#### [Goal of the exercise]
Please state how many lines of the records below contain the word "part". Give the number and nothing else.

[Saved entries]
################
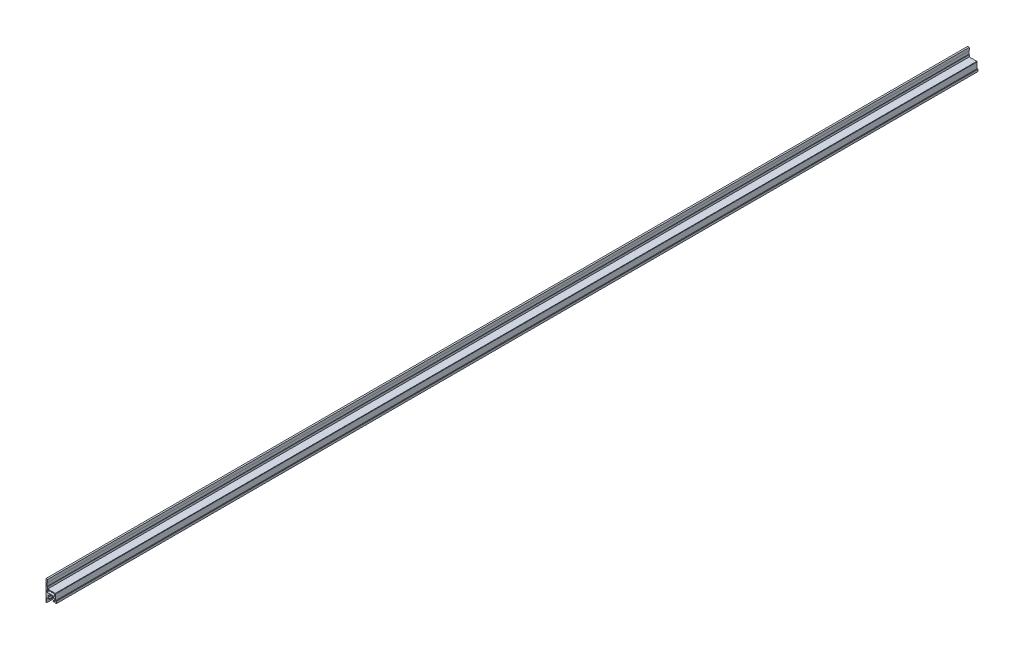
from build123d import *

# Parameters (mm, degrees)
SKETCH_2_W      = 19
SKETCH_2_H      = 5.6
EXTRUDE_1_DEPTH = 1108


with BuildPart() as part:
    # 草图2 → 凸台-拉伸1 (new, symmetric)
    with BuildSketch(Plane.XY):
        with BuildLine():
            Line((1.5, 10), (4, 10))
            Line((4, 10), (4, 10.5))
            Line((4, 10.5), (8.9, 10.5))
            Line((8.9, 10.5), (8.9, 12.2))
            ThreePointArc((8.9, 12.2), (8.812132034, 12.412132034), (8.6, 12.5))
            Line((8.6, 12.5), (5.05, 12.5))
            ThreePointArc((5.05, 12.5), (4.837867966, 12.587867966), (4.75, 12.8))
            Line((4.75, 12.8), (4.75, 16.152943725))
            ThreePointArc((4.75, 16.152943725), (4.77283614, 16.267748755), (4.837867966, 16.36507576))
            Line((4.837867966, 16.36507576), (8.78492424, 20.312132034))
            ThreePointArc((8.78492424, 20.312132034), (8.882251245, 20.37716386), (8.997056275, 20.4))
            Line((8.997056275, 20.4), (17.002943725, 20.4))
            ThreePointArc((17.002943725, 20.4), (17.117748755, 20.37716386), (17.21507576, 20.312132034))
            Line((17.21507576, 20.312132034), (21.162132034, 16.36507576))
            ThreePointArc((21.162132034, 16.36507576), (21.22716386, 16.267748755), (21.25, 16.152943725))
            Line((21.25, 16.152943725), (21.25, 12.8))
            ThreePointArc((21.25, 12.8), (21.162132034, 12.587867966), (20.95, 12.5))
            Line((20.95, 12.5), (17.4, 12.5))
            ThreePointArc((17.4, 12.5), (17.187867966, 12.412132034), (17.1, 12.2))
            Line((17.1, 12.2), (17.1, 10.5))
            Line((17.1, 10.5), (22, 10.5))
            Line((22, 10.5), (22, 10))
            Line((22, 10), (25, 10))
            Line((25, 10), (25, 15))
            Line((25, 15), (23, 15))
            Line((23, 15), (23, 29.24572809))
            Line((23, 29.24572809), (22.25, 29.99572809))
            Line((22.25, 29.99572809), (4, 30))
            Line((4, 30), (4, 34.998393128))
            Line((4, 34.998393128), (3, 34.998393128))
            Line((3, 34.998393128), (3, 43))
            Line((3, 43), (4, 43))
            Line((4, 43), (4, 50))
            Line((4, 50), (0, 50))
            Line((0, 50), (0, 0))
            Line((0, 0), (1.5, 0))
            Line((1.5, 0), (1.5, 10))
        make_face()
        with Locations((11.5, 25.2)):
            Rectangle(SKETCH_2_W, SKETCH_2_H, mode=Mode.SUBTRACT)
    extrude(amount=EXTRUDE_1_DEPTH, both=True)


solid = part.part
################
#### [Task result]
2